▶ **Task objective**: What you return should be each line of the data containing the string "along".
BEGIN Extracted material
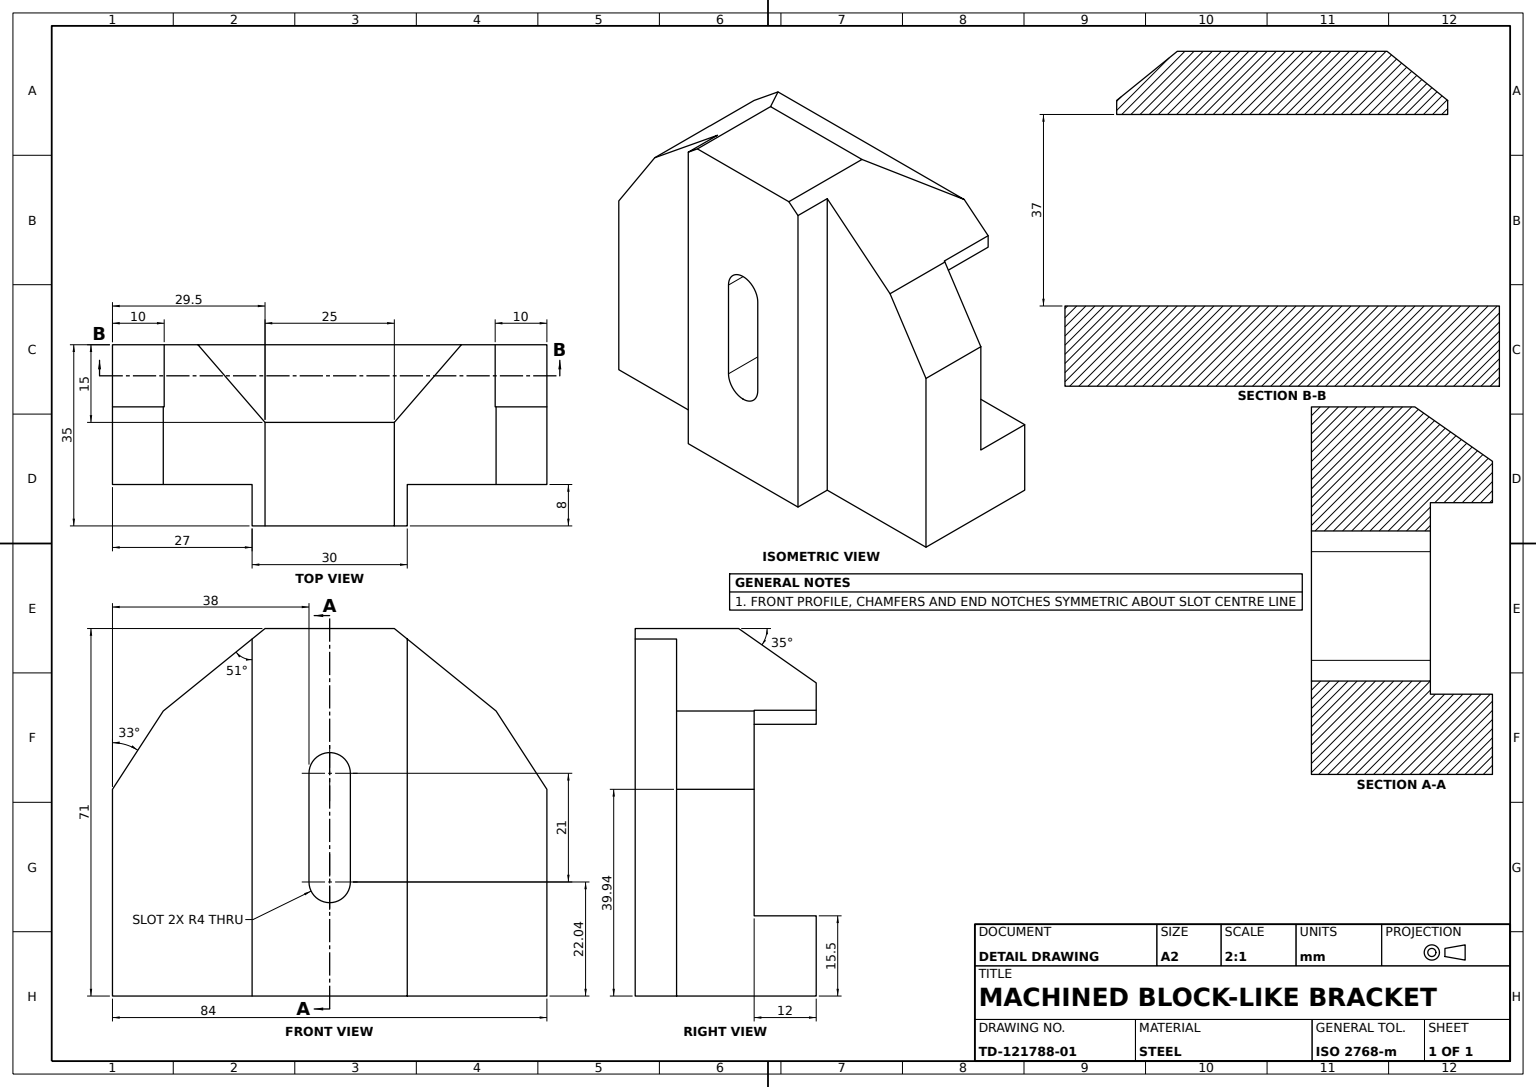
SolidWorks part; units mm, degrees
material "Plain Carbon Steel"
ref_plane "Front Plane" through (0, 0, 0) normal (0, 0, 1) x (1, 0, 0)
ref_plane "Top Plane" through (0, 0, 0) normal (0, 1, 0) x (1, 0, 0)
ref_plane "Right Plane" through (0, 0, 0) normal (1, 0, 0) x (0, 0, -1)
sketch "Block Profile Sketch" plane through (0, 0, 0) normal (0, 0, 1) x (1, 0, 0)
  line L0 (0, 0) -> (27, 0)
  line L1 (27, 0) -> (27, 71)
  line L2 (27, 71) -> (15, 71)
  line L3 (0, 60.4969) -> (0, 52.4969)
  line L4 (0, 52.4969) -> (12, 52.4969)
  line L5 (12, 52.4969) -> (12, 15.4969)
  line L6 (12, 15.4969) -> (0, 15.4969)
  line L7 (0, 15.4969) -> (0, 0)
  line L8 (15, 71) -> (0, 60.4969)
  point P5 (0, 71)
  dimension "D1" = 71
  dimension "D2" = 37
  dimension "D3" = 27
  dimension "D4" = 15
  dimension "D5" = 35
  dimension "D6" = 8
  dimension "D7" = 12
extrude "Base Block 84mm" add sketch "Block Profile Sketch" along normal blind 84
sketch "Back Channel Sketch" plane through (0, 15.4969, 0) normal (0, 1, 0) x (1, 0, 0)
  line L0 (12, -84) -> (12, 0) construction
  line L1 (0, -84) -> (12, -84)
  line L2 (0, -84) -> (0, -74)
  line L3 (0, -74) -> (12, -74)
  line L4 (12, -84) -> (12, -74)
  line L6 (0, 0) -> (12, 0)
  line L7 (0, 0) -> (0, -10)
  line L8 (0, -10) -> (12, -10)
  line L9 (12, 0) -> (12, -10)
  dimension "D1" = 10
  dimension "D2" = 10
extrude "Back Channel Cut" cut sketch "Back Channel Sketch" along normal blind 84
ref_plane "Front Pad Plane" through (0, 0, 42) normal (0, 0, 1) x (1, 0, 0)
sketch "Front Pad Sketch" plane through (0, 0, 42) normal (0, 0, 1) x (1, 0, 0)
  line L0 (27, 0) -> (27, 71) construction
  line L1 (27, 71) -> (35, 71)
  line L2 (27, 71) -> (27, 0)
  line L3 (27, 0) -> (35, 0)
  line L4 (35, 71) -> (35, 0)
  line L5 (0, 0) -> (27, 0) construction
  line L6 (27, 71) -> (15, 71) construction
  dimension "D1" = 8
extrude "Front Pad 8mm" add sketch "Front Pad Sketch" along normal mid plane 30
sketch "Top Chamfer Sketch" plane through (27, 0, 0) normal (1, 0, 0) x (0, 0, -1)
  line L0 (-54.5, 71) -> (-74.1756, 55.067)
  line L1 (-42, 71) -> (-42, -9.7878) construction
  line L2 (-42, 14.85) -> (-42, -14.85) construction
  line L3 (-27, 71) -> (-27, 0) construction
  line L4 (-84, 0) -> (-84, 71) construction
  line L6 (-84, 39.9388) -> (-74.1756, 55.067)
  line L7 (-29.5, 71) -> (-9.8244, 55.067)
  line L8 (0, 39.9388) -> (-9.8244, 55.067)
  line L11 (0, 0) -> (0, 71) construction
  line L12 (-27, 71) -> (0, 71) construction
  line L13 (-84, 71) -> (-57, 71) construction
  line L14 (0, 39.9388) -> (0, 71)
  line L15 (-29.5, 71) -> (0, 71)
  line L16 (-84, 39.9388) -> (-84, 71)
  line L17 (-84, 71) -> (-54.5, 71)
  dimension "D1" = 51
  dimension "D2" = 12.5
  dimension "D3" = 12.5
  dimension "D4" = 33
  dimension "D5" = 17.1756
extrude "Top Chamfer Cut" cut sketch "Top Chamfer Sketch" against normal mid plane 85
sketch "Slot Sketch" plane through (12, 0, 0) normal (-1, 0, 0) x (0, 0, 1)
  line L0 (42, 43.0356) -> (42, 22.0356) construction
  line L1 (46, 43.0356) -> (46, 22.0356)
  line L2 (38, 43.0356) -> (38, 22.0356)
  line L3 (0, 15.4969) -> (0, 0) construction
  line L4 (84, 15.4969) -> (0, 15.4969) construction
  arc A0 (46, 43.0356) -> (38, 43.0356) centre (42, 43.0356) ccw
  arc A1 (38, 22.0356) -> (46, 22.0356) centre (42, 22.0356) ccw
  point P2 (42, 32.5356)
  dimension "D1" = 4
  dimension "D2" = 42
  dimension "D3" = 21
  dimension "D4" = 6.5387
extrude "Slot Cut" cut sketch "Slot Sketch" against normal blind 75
END Extracted material
▶ **Task output**:
extrude "Base Block 84mm" add sketch "Block Profile Sketch" along normal blind 84
extrude "Back Channel Cut" cut sketch "Back Channel Sketch" along normal blind 84
extrude "Front Pad 8mm" add sketch "Front Pad Sketch" along normal mid plane 30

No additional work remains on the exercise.